In the lines below, look for "spatial". Copy each line where it appears.

[Data records]
────────────────────────────────────────
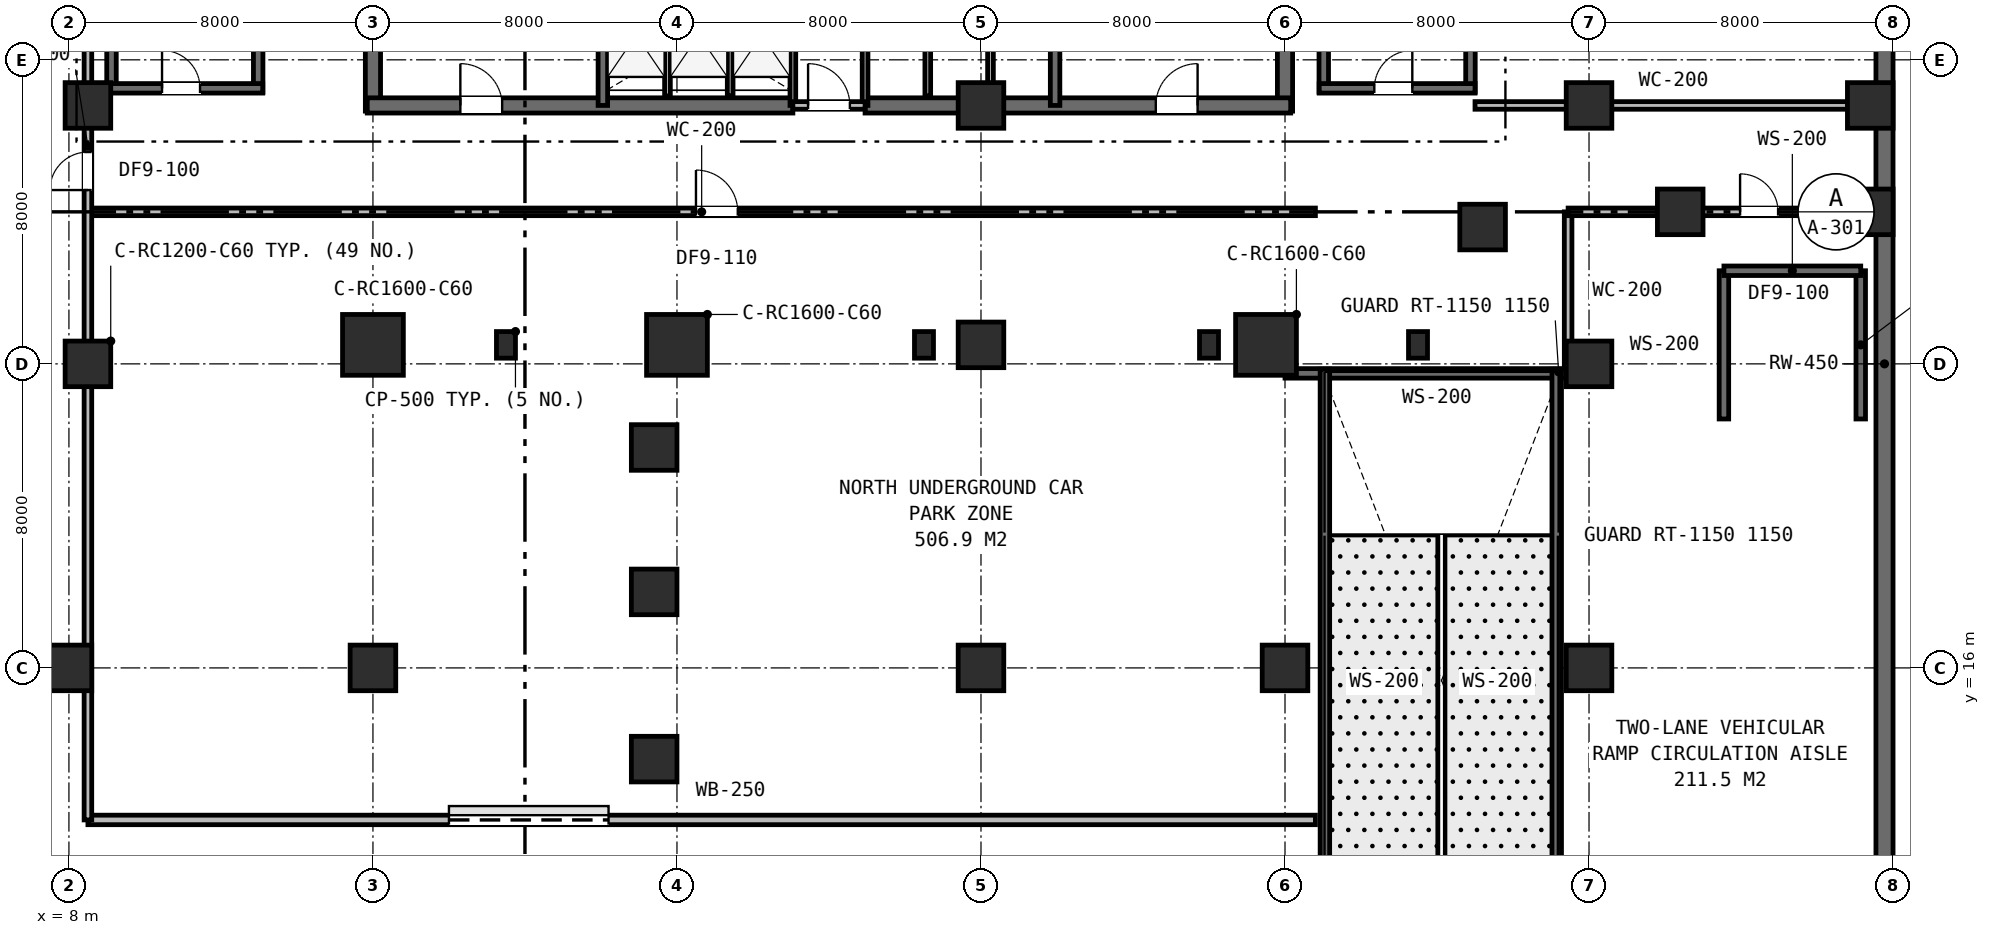
"""IFC4 building model, lengths in metres.
Left out: names, types, materials, properties, quantities, classifications, styles, units other than length and angle.
Written with IfcOpenShell. Run it as: python <this file> out.ifc"""

import sys

from ifc_helpers import new_model, si_unit, direction, frame, frame_2d, origin, origin_2d, place, context, subcontext, project, spatial, rectangle, extrude, element, fill, save


model = new_model("IFC4")
c1 = context("Model", 3, precision=1e-05, world=origin(), true_north=direction((0.0, 1.0)))
c2 = subcontext(c1, "Body", "Model", "MODEL_VIEW")
j1 = project(units=[si_unit("LENGTHUNIT", "METRE"), si_unit("PLANEANGLEUNIT", "RADIAN")], contexts=[c1])
p1 = place(None, origin())
s1 = spatial("IfcSite", under=j1, at=p1, CompositionType="ELEMENT")
p2 = place(p1, origin())
s2 = spatial("IfcBuilding", under=s1, at=p2, CompositionType="ELEMENT")
p3 = place(p2, frame((0.0, 0.0, -9.4)))
s3 = spatial("IfcBuildingStorey", under=s2, at=p3, CompositionType="ELEMENT", Elevation=-9.4)
p4 = place(p3, frame((55.775, 0.0, 0.0), z_axis=(0.0, 0.0, 1.0), x_axis=(0.0, 1.0, 0.0)))
e1 = element("IfcWall", 1, at=p4, inside=s3, PredefinedType="USERDEFINED", context=c2, shape_type="SweptSolid", body=[
    extrude(rectangle(XDim=48.0, YDim=0.45, at=frame_2d((24.0, 0.0))), origin(), (0.0, 0.0, 1.0), 3.8),
])
for number, where, z_axis, x_axis in (
    (2, (16.0, 30.65, 0.0), (0.0, 0.0, 1.0), (0.0, 1.0, 0.0)),
    (3, (40.0, 30.65, 0.0), (0.0, 0.0, 1.0), (0.0, 1.0, 0.0)),
):
    element("IfcWall", number, at=place(p3, frame(where, z_axis=z_axis, x_axis=x_axis)), inside=s3, PredefinedType="SHEAR", context=c2, shape_type="SweptSolid", body=[
        extrude(rectangle(XDim=12.3, YDim=0.4, at=frame_2d((6.15, 0.0))), origin(), (0.0, 0.0, 1.0), 3.8),
    ])
p5 = place(p3, frame((15.85, 30.8, 0.0), z_axis=(0.0, 0.0, 1.0), x_axis=(1.0, 0.0, 0.0)))
e4 = element("IfcWall", 4, at=p5, inside=s3, PredefinedType="SHEAR", context=c2, shape_type="SweptSolid", body=[
    extrude(rectangle(XDim=11.2, YDim=0.4, at=frame_2d((5.6, 0.0))), origin(), (0.0, 0.0, 1.0), 3.8),
])
p6 = place(p5, frame((2.45, 0.0, 0.0)))
e5 = element("IfcOpeningElement", 5, at=p6, cuts=e4, PredefinedType="OPENING", context=c2, shape_type="SweptSolid", body=[
    extrude(rectangle(XDim=1.1, YDim=2.15, at=frame_2d((0.55, 1.075))), frame((0.0, 0.21, 0.0), z_axis=(0.0, -1.0, 0.0), x_axis=(1.0, 0.0, 0.0)), (0.0, 0.0, 1.0), 0.42),
])
p7 = place(p3, frame((28.95, 30.8, 0.0), z_axis=(0.0, 0.0, 1.0), x_axis=(1.0, 0.0, 0.0)))
e6 = element("IfcWall", 6, at=p7, inside=s3, PredefinedType="SHEAR", context=c2, shape_type="SweptSolid", body=[
    extrude(rectangle(XDim=11.2, YDim=0.4, at=frame_2d((5.6, 0.0))), origin(), (0.0, 0.0, 1.0), 3.8),
])
p8 = place(p7, frame((7.65, 0.0, 0.0)))
e7 = element("IfcOpeningElement", 7, at=p8, cuts=e6, PredefinedType="OPENING", context=c2, shape_type="SweptSolid", body=[
    extrude(rectangle(XDim=1.1, YDim=2.15, at=frame_2d((0.55, 1.075))), frame((0.0, 0.21, 0.0), z_axis=(0.0, -1.0, 0.0), x_axis=(1.0, 0.0, 0.0)), (0.0, 0.0, 1.0), 0.42),
])
for number, where, z_axis, x_axis in (
    (8, (22.05, 30.8, 0.0), (0.0, 0.0, 1.0), (0.0, 1.0, 0.0)),
    (9, (33.95, 30.8, 0.0), (0.0, 0.0, 1.0), (0.0, 1.0, 0.0)),
):
    element("IfcWall", number, at=place(p3, frame(where, z_axis=z_axis, x_axis=x_axis)), inside=s3, PredefinedType="SHEAR", context=c2, shape_type="SweptSolid", body=[
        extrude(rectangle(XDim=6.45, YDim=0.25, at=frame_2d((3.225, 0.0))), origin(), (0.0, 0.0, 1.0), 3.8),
────────────────────────────────────────
→ Result of the exercise:
from ifc_helpers import new_model, si_unit, direction, frame, frame_2d, origin, origin_2d, place, context, subcontext, project, spatial, rectangle, extrude, element, fill, save
s1 = spatial("IfcSite", under=j1, at=p1, CompositionType="ELEMENT")
s2 = spatial("IfcBuilding", under=s1, at=p2, CompositionType="ELEMENT")
s3 = spatial("IfcBuildingStorey", under=s2, at=p3, CompositionType="ELEMENT", Elevation=-9.4)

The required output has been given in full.